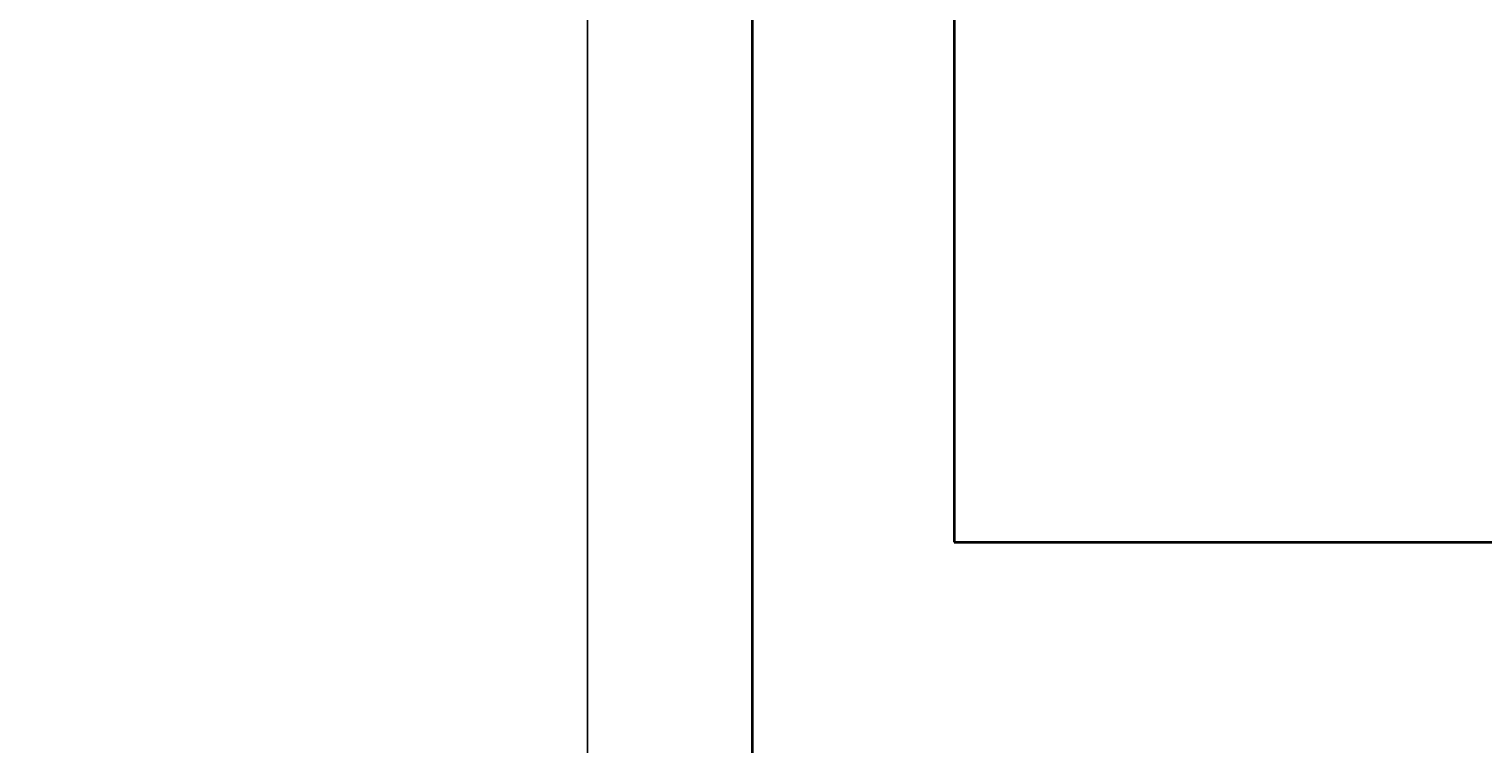
# Model space of a CAD drawing. Units: feet. Extents: x 5816 to 6644, y 25475 to 26788.
# Tile 17 of 23: x 6082 to 6147, y 26499 to 26530. Entities that reach past the tile are written whole.
import ezdxf

# ---------------------------------------------------------------- set-up
doc = ezdxf.new("R2010")
doc.units = ezdxf.units.FT
doc.layers.add('A-ANNO-DIMS', color=2, linetype='Continuous', lineweight=13)
doc.layers.add('A-WALL', color=7, linetype='Continuous', lineweight=35)
doc.styles.get("Standard").update_dxf_attribs({"font": 'arial.ttf'})
doc.dimstyles.get("Standard").update_dxf_attribs({"dimtxt": 0.18, "dimasz": 0.18, "dimexe": 0.18, "dimexo": 0.0625, "dimgap": 0.09, "dimtad": 0, "dimtih": 1, "dimtoh": 1, "dimdec": 4, "dimzin": 0, "dimdsep": 46, "dimtxsty": 'Standard', "dimcen": 0.09, "dimadec": 0, "dimazin": 0, "dimtfac": 1, "dimtdec": 4, "dimtofl": 0, "dimtmove": 0, "dimatfit": 3, "dimfxl": 1, "dimtolj": 1, "dimtzin": 0, "dimarcsym": 0})

# ---------------------------------------------------------------- blocks, each defined once
blk = doc.blocks.new('*D58')
at = {"layer": 'A-ANNO-DIMS', "color": 0, "lineweight": -2, "transparency": 16777216}
for p, q in [((5953.978, 26168.647), (5953.978, 26787.915)), ((5954.158, 26787.735), (6030.198, 26787.735)), ((6106.798, 26787.735), (6030.759, 26787.735)), ((6106.978, 26168.713), (6106.978, 26787.915))]:
    blk.add_line(p, q, dxfattribs=at)
at = {"layer": 'A-ANNO-DIMS', "color": 0, "transparency": 16777216}
for points in [[(5954.158, 26787.765), (5954.158, 26787.705), (5953.978, 26787.735)], [(6106.798, 26787.765), (6106.798, 26787.705), (6106.978, 26787.735)]]:
    blk.add_solid(points, dxfattribs=at)
at = {"layer": 'Defpoints', "color": 0, "transparency": 16777216}
for p in [(6106.978, 26787.735), (5953.978, 26168.585), (6106.978, 26168.651)]:
    blk.add_point(p, dxfattribs=at)
at = {"layer": 'A-ANNO-DIMS', "color": 0, "transparency": 16777216, "insert": (6030.478, 26787.735), "char_height": 0.18, "attachment_point": 5}
blk.add_mtext('\\A1;153', dxfattribs=at)
blk = doc.blocks.new('*D60')
at = {"layer": 'A-ANNO-DIMS', "color": 0, "lineweight": -2, "transparency": 16777216}
for p, q in [((6106.978, 26094.399), (6106.978, 26787.915)), ((6107.158, 26787.735), (6224.932, 26787.735)), ((6343.496, 26787.735), (6225.722, 26787.735)), ((6343.676, 26094.399), (6343.676, 26787.915))]:
    blk.add_line(p, q, dxfattribs=at)
at = {"layer": 'A-ANNO-DIMS', "color": 0, "transparency": 16777216}
for points in [[(6107.158, 26787.765), (6107.158, 26787.705), (6106.978, 26787.735)], [(6343.496, 26787.765), (6343.496, 26787.705), (6343.676, 26787.735)]]:
    blk.add_solid(points, dxfattribs=at)
at = {"layer": 'Defpoints', "color": 0, "transparency": 16777216}
for p in [(6343.676, 26787.735), (6106.978, 26094.337), (6343.676, 26094.337)]:
    blk.add_point(p, dxfattribs=at)
at = {"layer": 'A-ANNO-DIMS', "color": 0, "transparency": 16777216, "insert": (6225.327, 26787.735), "char_height": 0.18, "attachment_point": 5}
blk.add_mtext('\\A1;236.7', dxfattribs=at)

msp = doc.modelspace()

# ---------------------------------------------------------------- linework, layer by layer
at = {"layer": 'A-WALL'}
for p, q in [((6114.3119, 26558.5846), (6114.3119, 26491.3288)), ((6123.3119, 26558.5846), (6123.3119, 26507.5846)), ((6123.3119, 26507.5846), (6225.3119, 26507.5846))]:
    msp.add_line(p, q, dxfattribs=at)

# ---------------------------------------------------------------- dimensions: what is measured, and where the dimension line sits
at = {"layer": 'A-ANNO-DIMS'}
for base, p1, p2, override, picture, middle in [((6106.9781, 26787.7346), (5953.9781, 26168.5846), (6106.9781, 26168.6509), {"dimdec": 0, "dimlfac": 1, "dimrnd": 0, "dimzin": 0, "dimdsep": 46, "dimlunit": 2}, '*D58', (6030.4781, 26787.7346)), ((6343.6763, 26787.7346), (6106.9781, 26094.3368), (6343.6763, 26094.3368), {"dimdec": 1, "dimlfac": 1, "dimrnd": 0, "dimzin": 0, "dimdsep": 46, "dimlunit": 2}, '*D60', (6225.3272, 26787.7346))]:
    dim = msp.add_linear_dim(base=base, p1=p1, p2=p2, dimstyle='Standard', override=override, dxfattribs=at)
    dim.commit()
    dim.dimension.update_dxf_attribs({"geometry": picture, "text_midpoint": middle})

doc.saveas('drawing.dxf')

_DIRECTIONS_. For your answer, write out the data exactly and drop every picture.

_REPLY_.
# Model space of a CAD drawing. Units: feet. Extents: x 5816 to 6644, y 25475 to 26788.
# Tile 17 of 23: x 6082 to 6147, y 26499 to 26530. Entities that reach past the tile are written whole.
import ezdxf

# ---------------------------------------------------------------- set-up
doc = ezdxf.new("R2010")
doc.units = ezdxf.units.FT
doc.layers.add('A-ANNO-DIMS', color=2, linetype='Continuous', lineweight=13)
doc.layers.add('A-WALL', color=7, linetype='Continuous', lineweight=35)
doc.styles.get("Standard").update_dxf_attribs({"font": 'arial.ttf'})
doc.dimstyles.get("Standard").update_dxf_attribs({"dimtxt": 0.18, "dimasz": 0.18, "dimexe": 0.18, "dimexo": 0.0625, "dimgap": 0.09, "dimtad": 0, "dimtih": 1, "dimtoh": 1, "dimdec": 4, "dimzin": 0, "dimdsep": 46, "dimtxsty": 'Standard', "dimcen": 0.09, "dimadec": 0, "dimazin": 0, "dimtfac": 1, "dimtdec": 4, "dimtofl": 0, "dimtmove": 0, "dimatfit": 3, "dimfxl": 1, "dimtolj": 1, "dimtzin": 0, "dimarcsym": 0})

# ---------------------------------------------------------------- blocks, each defined once
blk = doc.blocks.new('*D58')
at = {"layer": 'A-ANNO-DIMS', "color": 0, "lineweight": -2, "transparency": 16777216}
for p, q in [((5953.978, 26168.647), (5953.978, 26787.915)), ((5954.158, 26787.735), (6030.198, 26787.735)), ((6106.798, 26787.735), (6030.759, 26787.735)), ((6106.978, 26168.713), (6106.978, 26787.915))]:
    blk.add_line(p, q, dxfattribs=at)
at = {"layer": 'A-ANNO-DIMS', "color": 0, "transparency": 16777216}
for points in [[(5954.158, 26787.765), (5954.158, 26787.705), (5953.978, 26787.735)], [(6106.798, 26787.765), (6106.798, 26787.705), (6106.978, 26787.735)]]:
    blk.add_solid(points, dxfattribs=at)
at = {"layer": 'Defpoints', "color": 0, "transparency": 16777216}
for p in [(6106.978, 26787.735), (5953.978, 26168.585), (6106.978, 26168.651)]:
    blk.add_point(p, dxfattribs=at)
at = {"layer": 'A-ANNO-DIMS', "color": 0, "transparency": 16777216, "insert": (6030.478, 26787.735), "char_height": 0.18, "attachment_point": 5}
blk.add_mtext('\\A1;153', dxfattribs=at)
blk = doc.blocks.new('*D60')
at = {"layer": 'A-ANNO-DIMS', "color": 0, "lineweight": -2, "transparency": 16777216}
for p, q in [((6106.978, 26094.399), (6106.978, 26787.915)), ((6107.158, 26787.735), (6224.932, 26787.735)), ((6343.496, 26787.735), (6225.722, 26787.735)), ((6343.676, 26094.399), (6343.676, 26787.915))]:
    blk.add_line(p, q, dxfattribs=at)
at = {"layer": 'A-ANNO-DIMS', "color": 0, "transparency": 16777216}
for points in [[(6107.158, 26787.765), (6107.158, 26787.705), (6106.978, 26787.735)], [(6343.496, 26787.765), (6343.496, 26787.705), (6343.676, 26787.735)]]:
    blk.add_solid(points, dxfattribs=at)
at = {"layer": 'Defpoints', "color": 0, "transparency": 16777216}
for p in [(6343.676, 26787.735), (6106.978, 26094.337), (6343.676, 26094.337)]:
    blk.add_point(p, dxfattribs=at)
at = {"layer": 'A-ANNO-DIMS', "color": 0, "transparency": 16777216, "insert": (6225.327, 26787.735), "char_height": 0.18, "attachment_point": 5}
blk.add_mtext('\\A1;236.7', dxfattribs=at)

msp = doc.modelspace()

# ---------------------------------------------------------------- linework, layer by layer
at = {"layer": 'A-WALL'}
for p, q in [((6114.3119, 26558.5846), (6114.3119, 26491.3288)), ((6123.3119, 26558.5846), (6123.3119, 26507.5846)), ((6123.3119, 26507.5846), (6225.3119, 26507.5846))]:
    msp.add_line(p, q, dxfattribs=at)

# ---------------------------------------------------------------- dimensions: what is measured, and where the dimension line sits
at = {"layer": 'A-ANNO-DIMS'}
for base, p1, p2, override, picture, middle in [((6106.9781, 26787.7346), (5953.9781, 26168.5846), (6106.9781, 26168.6509), {"dimdec": 0, "dimlfac": 1, "dimrnd": 0, "dimzin": 0, "dimdsep": 46, "dimlunit": 2}, '*D58', (6030.4781, 26787.7346)), ((6343.6763, 26787.7346), (6106.9781, 26094.3368), (6343.6763, 26094.3368), {"dimdec": 1, "dimlfac": 1, "dimrnd": 0, "dimzin": 0, "dimdsep": 46, "dimlunit": 2}, '*D60', (6225.3272, 26787.7346))]:
    dim = msp.add_linear_dim(base=base, p1=p1, p2=p2, dimstyle='Standard', override=override, dxfattribs=at)
    dim.commit()
    dim.dimension.update_dxf_attribs({"geometry": picture, "text_midpoint": middle})

doc.saveas('drawing.dxf')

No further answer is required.